*Your objective*.
Return each line of the records below in which the string "import" turns up.

Records from a data collection:
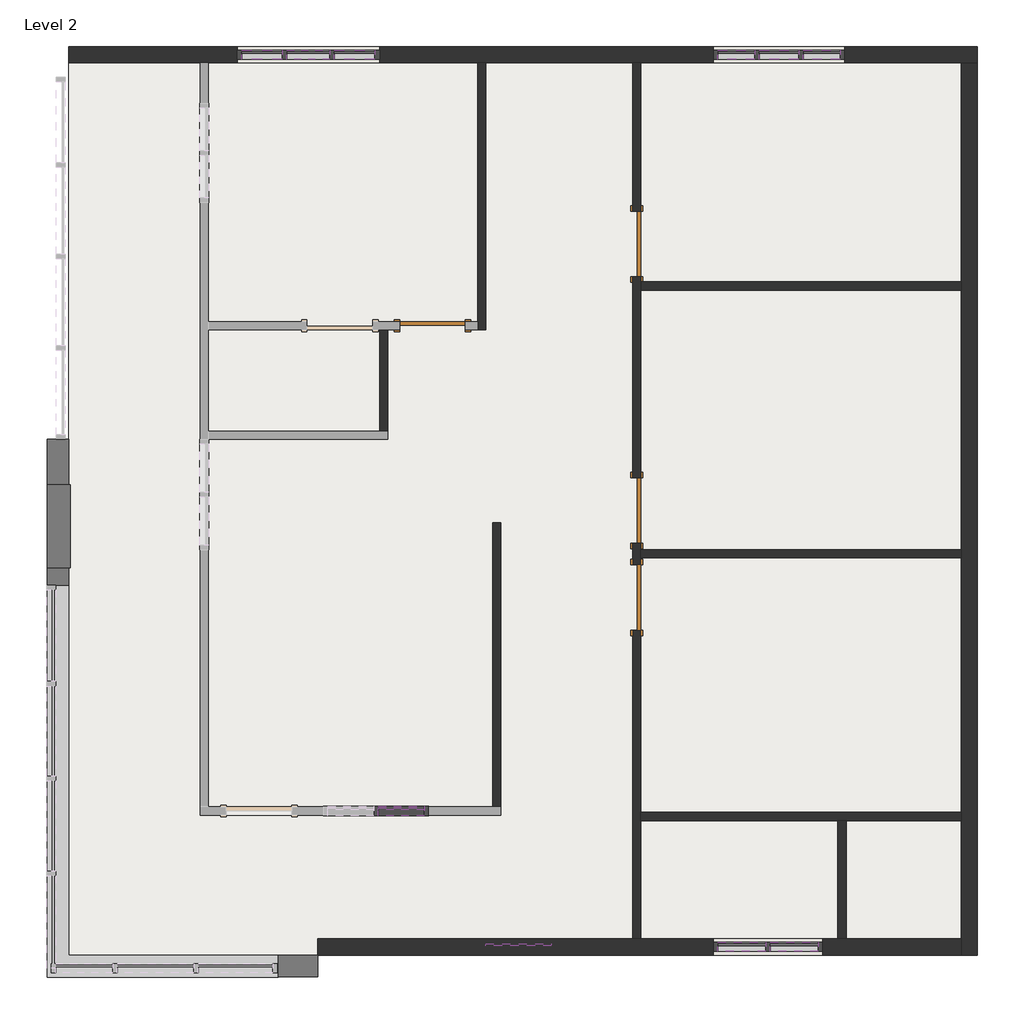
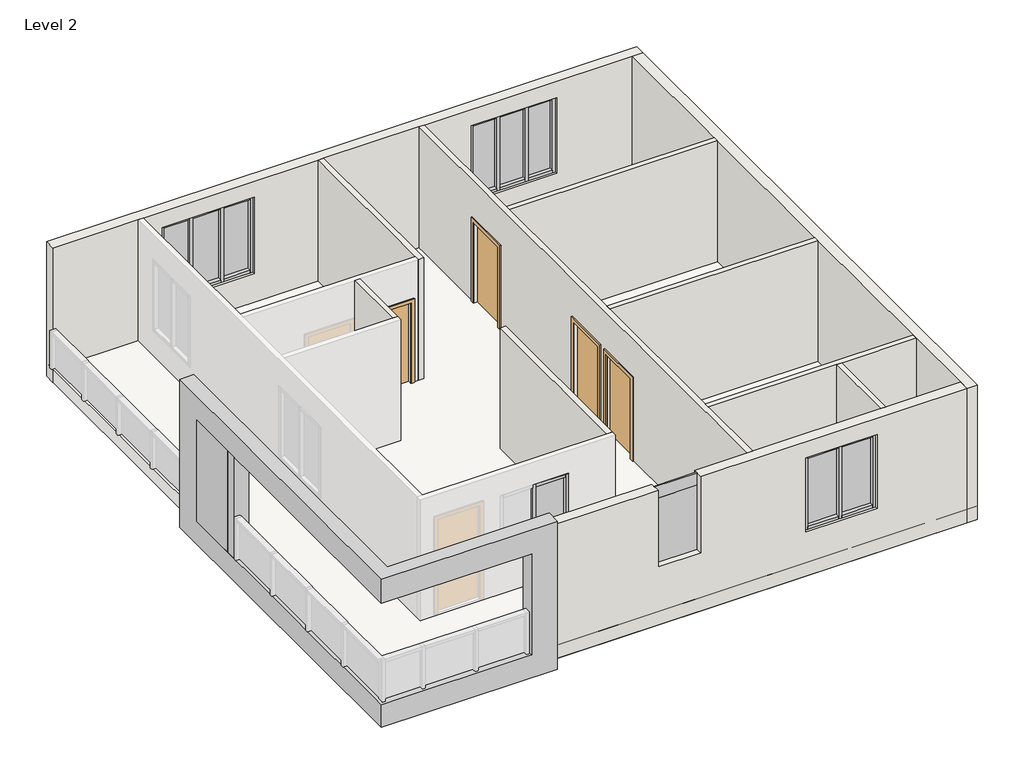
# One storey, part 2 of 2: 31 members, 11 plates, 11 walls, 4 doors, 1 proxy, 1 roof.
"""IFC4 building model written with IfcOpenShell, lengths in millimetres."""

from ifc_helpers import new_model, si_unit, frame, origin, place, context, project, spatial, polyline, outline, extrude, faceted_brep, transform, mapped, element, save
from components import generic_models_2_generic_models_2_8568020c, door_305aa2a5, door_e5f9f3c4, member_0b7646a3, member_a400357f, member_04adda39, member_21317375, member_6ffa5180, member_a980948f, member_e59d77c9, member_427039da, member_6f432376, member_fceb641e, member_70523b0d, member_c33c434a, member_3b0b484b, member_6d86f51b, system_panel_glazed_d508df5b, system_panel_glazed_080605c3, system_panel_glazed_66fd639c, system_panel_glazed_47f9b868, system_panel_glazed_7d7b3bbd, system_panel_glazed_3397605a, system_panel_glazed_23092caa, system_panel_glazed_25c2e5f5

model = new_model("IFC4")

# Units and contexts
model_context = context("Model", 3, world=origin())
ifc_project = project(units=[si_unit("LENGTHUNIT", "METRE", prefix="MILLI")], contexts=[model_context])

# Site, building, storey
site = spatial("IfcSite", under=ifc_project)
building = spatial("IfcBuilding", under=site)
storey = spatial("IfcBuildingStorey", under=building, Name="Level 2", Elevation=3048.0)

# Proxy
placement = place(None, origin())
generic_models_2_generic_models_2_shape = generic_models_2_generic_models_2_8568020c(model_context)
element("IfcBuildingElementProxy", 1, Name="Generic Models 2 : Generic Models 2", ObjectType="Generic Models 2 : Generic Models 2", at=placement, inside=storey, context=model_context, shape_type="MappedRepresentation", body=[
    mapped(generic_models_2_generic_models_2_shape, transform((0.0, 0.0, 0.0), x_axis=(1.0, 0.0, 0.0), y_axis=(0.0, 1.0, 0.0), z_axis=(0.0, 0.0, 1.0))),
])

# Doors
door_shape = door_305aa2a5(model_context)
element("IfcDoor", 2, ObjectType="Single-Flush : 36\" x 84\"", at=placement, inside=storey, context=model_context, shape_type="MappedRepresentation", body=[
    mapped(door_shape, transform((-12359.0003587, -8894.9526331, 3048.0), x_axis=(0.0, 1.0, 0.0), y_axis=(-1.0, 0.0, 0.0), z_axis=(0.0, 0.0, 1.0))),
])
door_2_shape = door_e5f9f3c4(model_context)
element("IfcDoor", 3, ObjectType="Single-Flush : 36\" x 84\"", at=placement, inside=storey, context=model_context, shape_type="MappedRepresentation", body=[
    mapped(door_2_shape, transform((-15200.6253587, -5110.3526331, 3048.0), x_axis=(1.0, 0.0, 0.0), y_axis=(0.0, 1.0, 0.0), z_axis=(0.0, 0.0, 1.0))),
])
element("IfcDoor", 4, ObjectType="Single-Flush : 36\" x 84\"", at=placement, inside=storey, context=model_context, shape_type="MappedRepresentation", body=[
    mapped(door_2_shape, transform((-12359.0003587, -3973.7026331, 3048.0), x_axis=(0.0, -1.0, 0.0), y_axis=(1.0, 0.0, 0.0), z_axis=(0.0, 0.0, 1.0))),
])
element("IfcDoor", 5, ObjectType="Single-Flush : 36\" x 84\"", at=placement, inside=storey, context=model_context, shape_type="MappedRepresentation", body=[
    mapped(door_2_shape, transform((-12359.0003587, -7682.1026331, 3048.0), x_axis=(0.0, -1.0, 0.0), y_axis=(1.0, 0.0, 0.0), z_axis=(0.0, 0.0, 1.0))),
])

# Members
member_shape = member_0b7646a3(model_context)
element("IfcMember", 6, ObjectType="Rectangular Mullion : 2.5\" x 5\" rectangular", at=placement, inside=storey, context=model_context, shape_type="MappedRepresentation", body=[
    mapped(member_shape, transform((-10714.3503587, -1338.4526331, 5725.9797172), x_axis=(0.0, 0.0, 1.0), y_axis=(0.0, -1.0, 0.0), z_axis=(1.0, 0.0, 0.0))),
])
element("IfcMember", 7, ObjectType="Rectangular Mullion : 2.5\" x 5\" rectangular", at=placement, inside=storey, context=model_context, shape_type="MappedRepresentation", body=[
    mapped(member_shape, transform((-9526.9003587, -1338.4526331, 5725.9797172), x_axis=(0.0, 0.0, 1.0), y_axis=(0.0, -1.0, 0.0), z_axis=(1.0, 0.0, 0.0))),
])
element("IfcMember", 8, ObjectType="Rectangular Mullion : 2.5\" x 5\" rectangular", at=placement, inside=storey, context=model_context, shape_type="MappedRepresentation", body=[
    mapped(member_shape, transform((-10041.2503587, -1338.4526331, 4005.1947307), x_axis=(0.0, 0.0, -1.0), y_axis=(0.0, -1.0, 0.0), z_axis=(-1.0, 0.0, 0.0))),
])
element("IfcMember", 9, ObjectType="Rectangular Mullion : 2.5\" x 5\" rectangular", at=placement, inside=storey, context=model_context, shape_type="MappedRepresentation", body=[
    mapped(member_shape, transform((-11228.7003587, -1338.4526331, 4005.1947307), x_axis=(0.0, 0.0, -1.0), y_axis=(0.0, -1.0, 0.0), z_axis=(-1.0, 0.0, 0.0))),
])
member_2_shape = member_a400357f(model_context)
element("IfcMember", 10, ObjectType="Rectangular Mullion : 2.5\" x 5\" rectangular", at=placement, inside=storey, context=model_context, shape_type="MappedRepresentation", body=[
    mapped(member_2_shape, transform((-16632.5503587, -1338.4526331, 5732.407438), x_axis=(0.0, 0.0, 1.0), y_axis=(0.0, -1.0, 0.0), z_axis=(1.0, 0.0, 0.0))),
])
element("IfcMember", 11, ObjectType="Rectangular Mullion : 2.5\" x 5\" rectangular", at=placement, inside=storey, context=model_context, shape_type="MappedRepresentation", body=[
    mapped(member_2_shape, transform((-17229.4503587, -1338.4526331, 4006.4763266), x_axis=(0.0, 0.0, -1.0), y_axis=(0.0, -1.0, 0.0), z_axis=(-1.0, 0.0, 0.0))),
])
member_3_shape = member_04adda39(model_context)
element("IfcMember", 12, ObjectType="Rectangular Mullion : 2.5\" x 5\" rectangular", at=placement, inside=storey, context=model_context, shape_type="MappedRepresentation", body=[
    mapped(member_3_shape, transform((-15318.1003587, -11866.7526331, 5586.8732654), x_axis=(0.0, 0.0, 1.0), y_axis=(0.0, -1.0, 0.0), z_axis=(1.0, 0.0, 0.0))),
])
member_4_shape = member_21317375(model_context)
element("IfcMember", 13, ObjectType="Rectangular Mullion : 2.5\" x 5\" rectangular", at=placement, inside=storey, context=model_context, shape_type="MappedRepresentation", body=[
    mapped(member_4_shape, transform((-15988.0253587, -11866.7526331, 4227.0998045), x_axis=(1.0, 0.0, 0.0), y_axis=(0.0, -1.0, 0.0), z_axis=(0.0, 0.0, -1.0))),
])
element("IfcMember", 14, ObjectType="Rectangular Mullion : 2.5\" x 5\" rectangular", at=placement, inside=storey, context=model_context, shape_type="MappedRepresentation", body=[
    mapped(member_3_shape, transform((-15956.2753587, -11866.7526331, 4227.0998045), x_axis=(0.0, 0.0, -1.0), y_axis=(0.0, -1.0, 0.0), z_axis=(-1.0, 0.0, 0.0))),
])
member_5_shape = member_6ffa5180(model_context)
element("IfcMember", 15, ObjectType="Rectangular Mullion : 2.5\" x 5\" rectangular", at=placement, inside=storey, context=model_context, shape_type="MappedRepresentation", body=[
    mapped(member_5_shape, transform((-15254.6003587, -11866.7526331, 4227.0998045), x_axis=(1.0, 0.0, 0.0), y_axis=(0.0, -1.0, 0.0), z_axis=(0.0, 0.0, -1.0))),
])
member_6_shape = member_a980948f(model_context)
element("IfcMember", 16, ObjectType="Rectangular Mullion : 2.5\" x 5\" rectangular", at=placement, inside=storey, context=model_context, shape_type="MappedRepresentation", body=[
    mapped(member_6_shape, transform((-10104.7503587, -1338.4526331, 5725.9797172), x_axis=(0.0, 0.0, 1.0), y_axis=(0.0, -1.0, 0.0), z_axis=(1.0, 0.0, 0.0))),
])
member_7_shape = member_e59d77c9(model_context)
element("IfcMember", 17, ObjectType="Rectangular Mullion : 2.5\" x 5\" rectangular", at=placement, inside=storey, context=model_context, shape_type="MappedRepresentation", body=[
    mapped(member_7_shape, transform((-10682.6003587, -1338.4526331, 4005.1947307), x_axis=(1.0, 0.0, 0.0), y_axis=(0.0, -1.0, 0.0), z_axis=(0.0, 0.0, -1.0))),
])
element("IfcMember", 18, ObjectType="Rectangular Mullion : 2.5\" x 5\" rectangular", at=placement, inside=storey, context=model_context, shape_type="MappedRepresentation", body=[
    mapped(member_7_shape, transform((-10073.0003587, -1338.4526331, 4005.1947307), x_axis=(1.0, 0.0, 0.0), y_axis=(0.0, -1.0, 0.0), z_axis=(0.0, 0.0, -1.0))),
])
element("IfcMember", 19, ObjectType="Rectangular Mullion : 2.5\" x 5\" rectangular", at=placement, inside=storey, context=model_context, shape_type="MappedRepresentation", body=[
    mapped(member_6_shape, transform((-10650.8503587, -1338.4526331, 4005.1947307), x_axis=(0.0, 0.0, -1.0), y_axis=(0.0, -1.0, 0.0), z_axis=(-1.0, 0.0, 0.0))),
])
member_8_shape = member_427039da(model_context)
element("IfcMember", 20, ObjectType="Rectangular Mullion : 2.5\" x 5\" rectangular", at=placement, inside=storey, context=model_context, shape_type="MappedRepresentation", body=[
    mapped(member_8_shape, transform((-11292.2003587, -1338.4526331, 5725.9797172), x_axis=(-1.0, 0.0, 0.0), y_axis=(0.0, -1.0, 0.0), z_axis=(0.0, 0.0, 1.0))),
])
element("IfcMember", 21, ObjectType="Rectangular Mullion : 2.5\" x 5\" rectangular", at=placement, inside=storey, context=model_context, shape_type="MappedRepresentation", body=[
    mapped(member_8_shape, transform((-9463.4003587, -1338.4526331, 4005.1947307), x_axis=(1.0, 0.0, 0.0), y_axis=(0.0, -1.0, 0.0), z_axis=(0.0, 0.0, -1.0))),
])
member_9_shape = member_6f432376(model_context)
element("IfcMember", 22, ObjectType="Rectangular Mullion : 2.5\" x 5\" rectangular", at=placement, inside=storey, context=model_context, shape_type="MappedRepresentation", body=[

*Exercise response*.
from ifc_helpers import new_model, si_unit, frame, origin, place, context, project, spatial, polyline, outline, extrude, faceted_brep, transform, mapped, element, save
from components import generic_models_2_generic_models_2_8568020c, door_305aa2a5, door_e5f9f3c4, member_0b7646a3, member_a400357f, member_04adda39, member_21317375, member_6ffa5180, member_a980948f, member_e59d77c9, member_427039da, member_6f432376, member_fceb641e, member_70523b0d, member_c33c434a, member_3b0b484b, member_6d86f51b, system_panel_glazed_d508df5b, system_panel_glazed_080605c3, system_panel_glazed_66fd639c, system_panel_glazed_47f9b868, system_panel_glazed_7d7b3bbd, system_panel_glazed_3397605a, system_panel_glazed_23092caa, system_panel_glazed_25c2e5f5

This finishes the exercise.